** Opening RECORDS FOR THIS EXERCISE block **

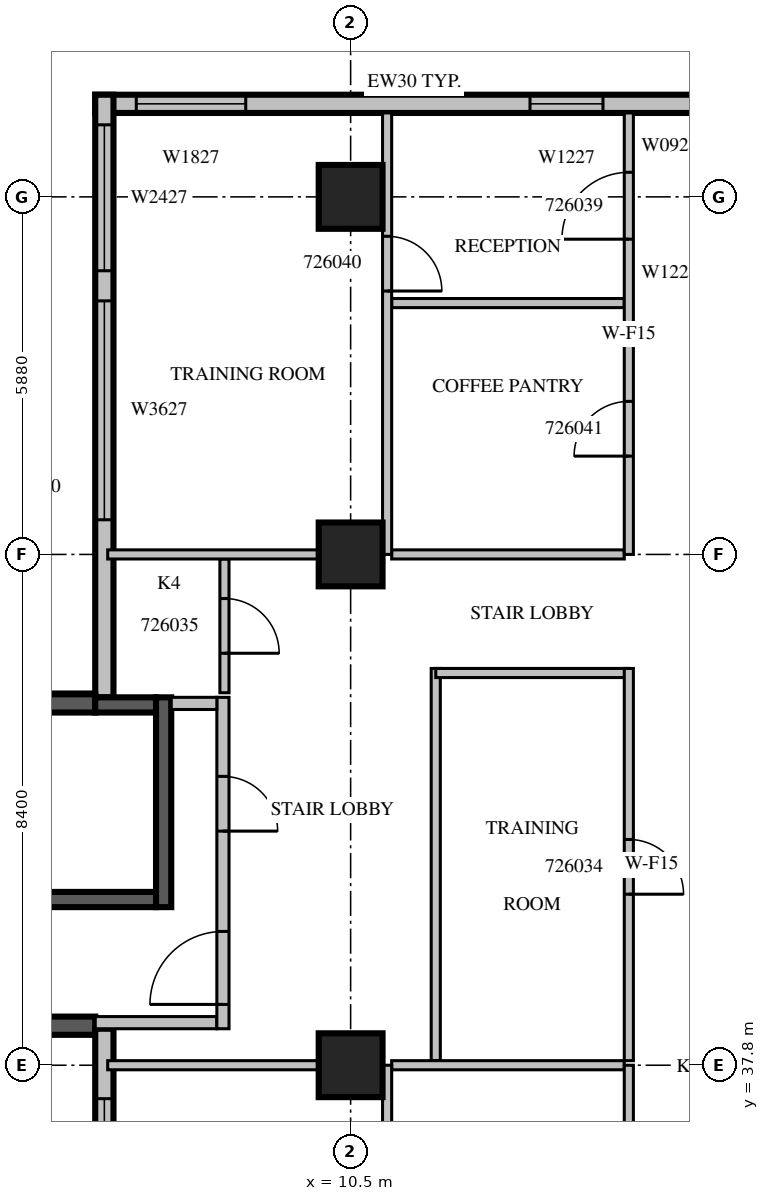
"""IFC4 building model, lengths in metres.
Left out: names, types, materials, properties, quantities, classifications, styles, units other than length and angle.
Written with IfcOpenShell. Run it as: python <this file> out.ifc"""

import sys

from ifc_helpers import new_model, si_unit, direction, frame, frame_2d, origin, origin_2d, place, context, subcontext, project, spatial, rectangle, extrude, source, transform, mapped, element, fill, save


model = new_model("IFC4")
c1 = context("Model", 3, precision=1e-05, world=origin(), true_north=direction((0.0, 1.0)))
c2 = subcontext(c1, "Body", "Model", "MODEL_VIEW")
j1 = project(units=[si_unit("LENGTHUNIT", "METRE"), si_unit("PLANEANGLEUNIT", "RADIAN")], contexts=[c1])
p1 = place(None, origin())
s1 = spatial("IfcSite", under=j1, at=p1, CompositionType="ELEMENT")
p2 = place(p1, origin())
s2 = spatial("IfcBuilding", under=s1, at=p2, CompositionType="ELEMENT")
p3 = place(p2, frame((0.0, 0.0, 120.3)))
s3 = spatial("IfcBuildingStorey", under=s2, at=p3, CompositionType="ELEMENT", Elevation=120.3)
m1 = source(origin(), c2, "Body", "SweptSolid", [
    extrude(rectangle(XDim=1.05, YDim=1.05, at=origin_2d()), origin(), (0.0, 0.0, 1.0), 4.2),
])
for number, where, z_axis, x_axis in (
    (1, (10.5, 37.8, 0.0), (0.0, 0.0, 1.0), (1.0, 0.0, 0.0)),
    (2, (10.5, 46.2, 0.0), (0.0, 0.0, 1.0), (1.0, 0.0, 0.0)),
    (3, (10.5, 52.08, 0.0), (0.0, 0.0, 1.0), (1.0, 0.0, 0.0)),
):
    element("IfcColumn", number, at=place(p3, frame(where, z_axis=z_axis, x_axis=x_axis)), inside=s3, PredefinedType="COLUMN", context=c2, shape_type="MappedRepresentation", body=[
        mapped(m1, transform((0.0, 0.0, 0.0), scale=1.0)),
    ])
m2 = source(origin(), c2, "Body", "SweptSolid", [
    extrude(rectangle(XDim=10.5, YDim=0.3, at=frame_2d((5.25, 0.0))), origin(), (0.0, 0.0, 1.0), 3.8),
])
p4 = place(p3, frame((16.8, 53.61, 0.0), z_axis=(0.0, 0.0, 1.0), x_axis=(-1.0, 0.0, 0.0)))
e4 = element("IfcWall", 4, at=p4, inside=s3, PredefinedType="STANDARD", context=c2, shape_type="MappedRepresentation", body=[
    mapped(m2, transform((0.0, 0.0, 0.0), scale=1.0)),
])
m3 = source(origin(), c2, "Body", "SweptSolid", [
    extrude(rectangle(XDim=1.2, YDim=2.7, at=frame_2d((0.6, 1.35))), frame((0.0, 0.16, 0.0), z_axis=(0.0, -1.0, 0.0), x_axis=(1.0, 0.0, 0.0)), (0.0, 0.0, 1.0), 0.32),
])
p5 = place(p4, frame((2.15, 0.0, 0.6)))
e5 = element("IfcOpeningElement", 5, at=p5, cuts=e4, PredefinedType="OPENING", context=c2, shape_type="MappedRepresentation", body=[
    mapped(m3, transform((0.0, 0.0, 0.0), scale=1.0)),
])
m4 = source(origin(), c2, "Body", "SweptSolid", [
    extrude(rectangle(XDim=1.8, YDim=2.7, at=frame_2d((0.9, 1.35))), frame((0.0, 0.16, 0.0), z_axis=(0.0, -1.0, 0.0), x_axis=(1.0, 0.0, 0.0)), (0.0, 0.0, 1.0), 0.32),
])
p6 = place(p4, frame((8.025, 0.0, 0.6)))
e6 = element("IfcOpeningElement", 6, at=p6, cuts=e4, PredefinedType="OPENING", context=c2, shape_type="MappedRepresentation", body=[
    mapped(m4, transform((0.0, 0.0, 0.0), scale=1.0)),
])
m5 = source(origin(), c2, "Body", "SweptSolid", [
    extrude(rectangle(XDim=9.91, YDim=0.3, at=frame_2d((4.955, 0.0))), origin(), (0.0, 0.0, 1.0), 3.8),
])
p7 = place(p3, frame((6.45, 53.76, 0.0), z_axis=(0.0, 0.0, 1.0), x_axis=(0.0, -1.0, 0.0)))
e7 = element("IfcWall", 7, at=p7, inside=s3, PredefinedType="STANDARD", context=c2, shape_type="MappedRepresentation", body=[
    mapped(m5, transform((0.0, 0.0, 0.0), scale=1.0)),
])
m6 = source(origin(), c2, "Body", "SweptSolid", [
    extrude(rectangle(XDim=3.6, YDim=2.7, at=frame_2d((1.8, 1.35))), frame((0.0, 0.16, 0.0), z_axis=(0.0, -1.0, 0.0), x_axis=(1.0, 0.0, 0.0)), (0.0, 0.0, 1.0), 0.32),
])
p8 = place(p7, frame((3.39, 0.0, 0.6)))
e8 = element("IfcOpeningElement", 8, at=p8, cuts=e7, PredefinedType="OPENING", context=c2, shape_type="MappedRepresentation", body=[
    mapped(m6, transform((0.0, 0.0, 0.0), scale=1.0)),
])
m7 = source(origin(), c2, "Body", "SweptSolid", [
    extrude(rectangle(XDim=2.4, YDim=2.7, at=frame_2d((1.2, 1.35))), frame((0.0, 0.16, 0.0), z_axis=(0.0, -1.0, 0.0), x_axis=(1.0, 0.0, 0.0)), (0.0, 0.0, 1.0), 0.32),
])
p9 = place(p7, frame((0.495, 0.0, 0.6)))
e9 = element("IfcOpeningElement", 9, at=p9, cuts=e7, PredefinedType="OPENING", context=c2, shape_type="MappedRepresentation", body=[
    mapped(m7, transform((0.0, 0.0, 0.0), scale=1.0)),
])
m8 = source(origin(), c2, "Body", "SweptSolid", [
    extrude(rectangle(XDim=6.1, YDim=0.3, at=frame_2d((3.05, 0.0))), origin(), (0.0, 0.0, 1.0), 3.8),
])
for number, where, z_axis, x_axis in (
    (10, (6.3, 43.75, 0.0), (0.0, 0.0, 1.0), (-1.0, 0.0, 0.0)),
    (11, (0.2, 38.45, 0.0), (0.0, 0.0, 1.0), (1.0, 0.0, 0.0)),
):
    element("IfcWall", number, at=place(p3, frame(where, z_axis=z_axis, x_axis=x_axis)), inside=s3, PredefinedType="SOLIDWALL", context=c2, shape_type="MappedRepresentation", body=[
        mapped(m8, transform((0.0, 0.0, 0.0), scale=1.0)),
    ])
m9 = source(origin(), c2, "Body", "SweptSolid", [
    extrude(rectangle(XDim=4.2, YDim=0.3, at=frame_2d((2.1, 0.0))), origin(), (0.0, 0.0, 1.0), 3.8),
])
p10 = place(p3, frame((6.45, 38.4, 0.0), z_axis=(0.0, 0.0, 1.0), x_axis=(0.0, -1.0, 0.0)))
e12 = element("IfcWall", 12, at=p10, inside=s3, PredefinedType="STANDARD", context=c2, shape_type="MappedRepresentation", body=[
    mapped(m9, transform((0.0, 0.0, 0.0), scale=1.0)),
])
p11 = place(p10, frame((1.15, 0.0, 0.6)))
e13 = element("IfcOpeningElement", 13, at=p11, cuts=e12, PredefinedType="OPENING", context=c2, shape_type="MappedRepresentation", body=[
    mapped(m4, transform((0.0, 0.0, 0.0), scale=1.0)),
])
m10 = source(origin(), c2, "Body", "SweptSolid", [
    extrude(rectangle(XDim=7.0, YDim=0.25, at=frame_2d((3.5, 0.0))), origin(), (0.0, 0.0, 1.0), 3.8),
])
p12 = place(p3, frame((0.3, 40.525, 0.0), z_axis=(0.0, 0.0, 1.0), x_axis=(1.0, 0.0, 0.0)))
e14 = element("IfcWall", 14, at=p12, inside=s3, PredefinedType="SOLIDWALL", context=c2, shape_type="MappedRepresentation", body=[
    mapped(m10, transform((0.0, 0.0, 0.0), scale=1.0)),
])
m11 = source(origin(), c2, "Body", "SweptSolid", [
    extrude(rectangle(XDim=1.1, YDim=2.1, at=frame_2d((0.55, 1.05))), frame((0.0, 0.135, 0.0), z_axis=(0.0, -1.0, 0.0), x_axis=(1.0, 0.0, 0.0)), (0.0, 0.0, 1.0), 0.27),
])
p13 = place(p12, frame((0.55, 0.0, 0.0)))
e15 = element("IfcOpeningElement", 15, at=p13, cuts=e14, PredefinedType="OPENING", context=c2, shape_type="MappedRepresentation", body=[
    mapped(m11, transform((0.0, 0.0, 0.0), scale=1.0)),
])
m12 = source(origin(), c2, "Body", "SweptSolid", [
    extrude(rectangle(XDim=1.0, YDim=0.25, at=frame_2d((0.5, 0.0))), origin(), (0.0, 0.0, 1.0), 3.8),
])
p14 = place(p3, frame((6.3, 43.725, 0.0), z_axis=(0.0, 0.0, 1.0), x_axis=(1.0, 0.0, 0.0)))
e16 = element("IfcWall", 16, at=p14, inside=s3, PredefinedType="SOLIDWALL", context=c2, shape_type="MappedRepresentation", body=[
    mapped(m12, transform((0.0, 0.0, 0.0), scale=1.0)),
])
m13 = source(origin(), c2, "Body", "SweptSolid", [
    extrude(rectangle(XDim=3.45, YDim=0.25, at=frame_2d((1.725, 0.0))), origin(), (0.0, 0.0, 1.0), 3.8),
])
p15 = place(p3, frame((7.425, 40.4, 0.0), z_axis=(0.0, 0.0, 1.0), x_axis=(0.0, 1.0, 0.0)))
e17 = element("IfcWall", 17, at=p15, inside=s3, PredefinedType="SOLIDWALL", context=c2, shape_type="MappedRepresentation", body=[
    mapped(m13, transform((0.0, 0.0, 0.0), scale=1.0)),
])
m14 = source(origin(), c2, "Body", "SweptSolid", [
    extrude(rectangle(XDim=2.0, YDim=0.2, at=frame_2d((1.0, 0.0))), origin(), (0.0, 0.0, 1.0), 3.8),
])
p16 = place(p3, frame((6.3, 38.5, 0.0), z_axis=(0.0, 0.0, 1.0), x_axis=(1.0, 0.0, 0.0)))
e18 = element("IfcWall", 18, at=p16, inside=s3, PredefinedType="PARTITIONING", context=c2, shape_type="MappedRepresentation", body=[
    mapped(m14, transform((0.0, 0.0, 0.0), scale=1.0)),
])
m15 = source(origin(), c2, "Body", "SweptSolid", [
    extrude(rectangle(XDim=5.45, YDim=0.2, at=frame_2d((2.725, 0.0))), origin(), (0.0, 0.0, 1.0), 3.8),
])
p17 = place(p3, frame((8.4, 38.4, 0.0), z_axis=(0.0, 0.0, 1.0), x_axis=(0.0, 1.0, 0.0)))
e19 = element("IfcWall", 19, at=p17, inside=s3, PredefinedType="PARTITIONING", context=c2, shape_type="MappedRepresentation", body=[
    mapped(m15, transform((0.0, 0.0, 0.0), scale=1.0)),
])
m16 = source(origin(), c2, "Body", "SweptSolid", [
    extrude(rectangle(XDim=1.2, YDim=2.1, at=frame_2d((0.6, 1.05))), frame((0.0, 0.11, 0.0), z_axis=(0.0, -1.0, 0.0), x_axis=(1.0, 0.0, 0.0)), (0.0, 0.0, 1.0), 0.22),
])
p18 = place(p17, frame((0.4, 0.0, 0.0)))
e20 = element("IfcOpeningElement", 20, at=p18, cuts=e19, PredefinedType="OPENING", context=c2, shape_type="MappedRepresentation", body=[
    mapped(m16, transform((0.0, 0.0, 0.0), scale=1.0)),
])
m17 = source(origin(), c2, "Body", "SweptSolid", [
    extrude(rectangle(XDim=0.9, YDim=2.1, at=frame_2d((0.45, 1.05))), frame((0.0, 0.11, 0.0), z_axis=(0.0, -1.0, 0.0), x_axis=(1.0, 0.0, 0.0)), (0.0, 0.0, 1.0), 0.22),
])
p19 = place(p17, frame((3.25, 0.0, 0.0)))
e21 = element("IfcOpeningElement", 21, at=p19, cuts=e19, PredefinedType="OPENING", context=c2, shape_type="MappedRepresentation", body=[
    mapped(m17, transform((0.0, 0.0, 0.0), scale=1.0)),
])
m18 = source(origin(), c2, "Body", "SweptSolid", [
    extrude(rectangle(XDim=0.75, YDim=0.2, at=frame_2d((0.375, 0.0))), origin(), (0.0, 0.0, 1.0), 3.8),
])
p20 = place(p3, frame((7.55, 43.75, 0.0), z_axis=(0.0, 0.0, 1.0), x_axis=(1.0, 0.0, 0.0)))
e22 = element("IfcWall", 22, at=p20, inside=s3, PredefinedType="PARTITIONING", context=c2, shape_type="MappedRepresentation", body=[
    mapped(m18, transform((0.0, 0.0, 0.0), scale=1.0)),
])
m19 = source(origin(), c2, "Body", "SweptSolid", [
    extrude(rectangle(XDim=6.45, YDim=0.15, at=frame_2d((3.225, 0.0))), origin(), (0.0, 0.0, 1.0), 3.8),
])
p21 = place(p3, frame((11.9, 44.325, 0.0), z_axis=(0.0, 0.0, 1.0), x_axis=(0.0, -1.0, 0.0)))
e23 = element("IfcWall", 23, at=p21, inside=s3, PredefinedType="PARTITIONING", context=c2, shape_type="MappedRepresentation", body=[
    mapped(m19, transform((0.0, 0.0, 0.0), scale=1.0)),
])
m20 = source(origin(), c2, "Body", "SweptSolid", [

** Closing RECORDS FOR THIS EXERCISE block **

- **TO DO**: Will you return exactly the lines above from the one with "p6 = place(p4, frame((8.025, 0.0, 0.6)))" down to the one with "53.76, 0.0), z_axis=(0.0, 0.0, 1.0), x_axis=(0.0, -1.0, 0.0)))", counting both as part of the range?

- **OUTPUT OF THE EXERCISE**:
p6 = place(p4, frame((8.025, 0.0, 0.6)))
e6 = element("IfcOpeningElement", 6, at=p6, cuts=e4, PredefinedType="OPENING", context=c2, shape_type="MappedRepresentation", body=[
    mapped(m4, transform((0.0, 0.0, 0.0), scale=1.0)),
])
m5 = source(origin(), c2, "Body", "SweptSolid", [
    extrude(rectangle(XDim=9.91, YDim=0.3, at=frame_2d((4.955, 0.0))), origin(), (0.0, 0.0, 1.0), 3.8),
])
p7 = place(p3, frame((6.45, 53.76, 0.0), z_axis=(0.0, 0.0, 1.0), x_axis=(0.0, -1.0, 0.0)))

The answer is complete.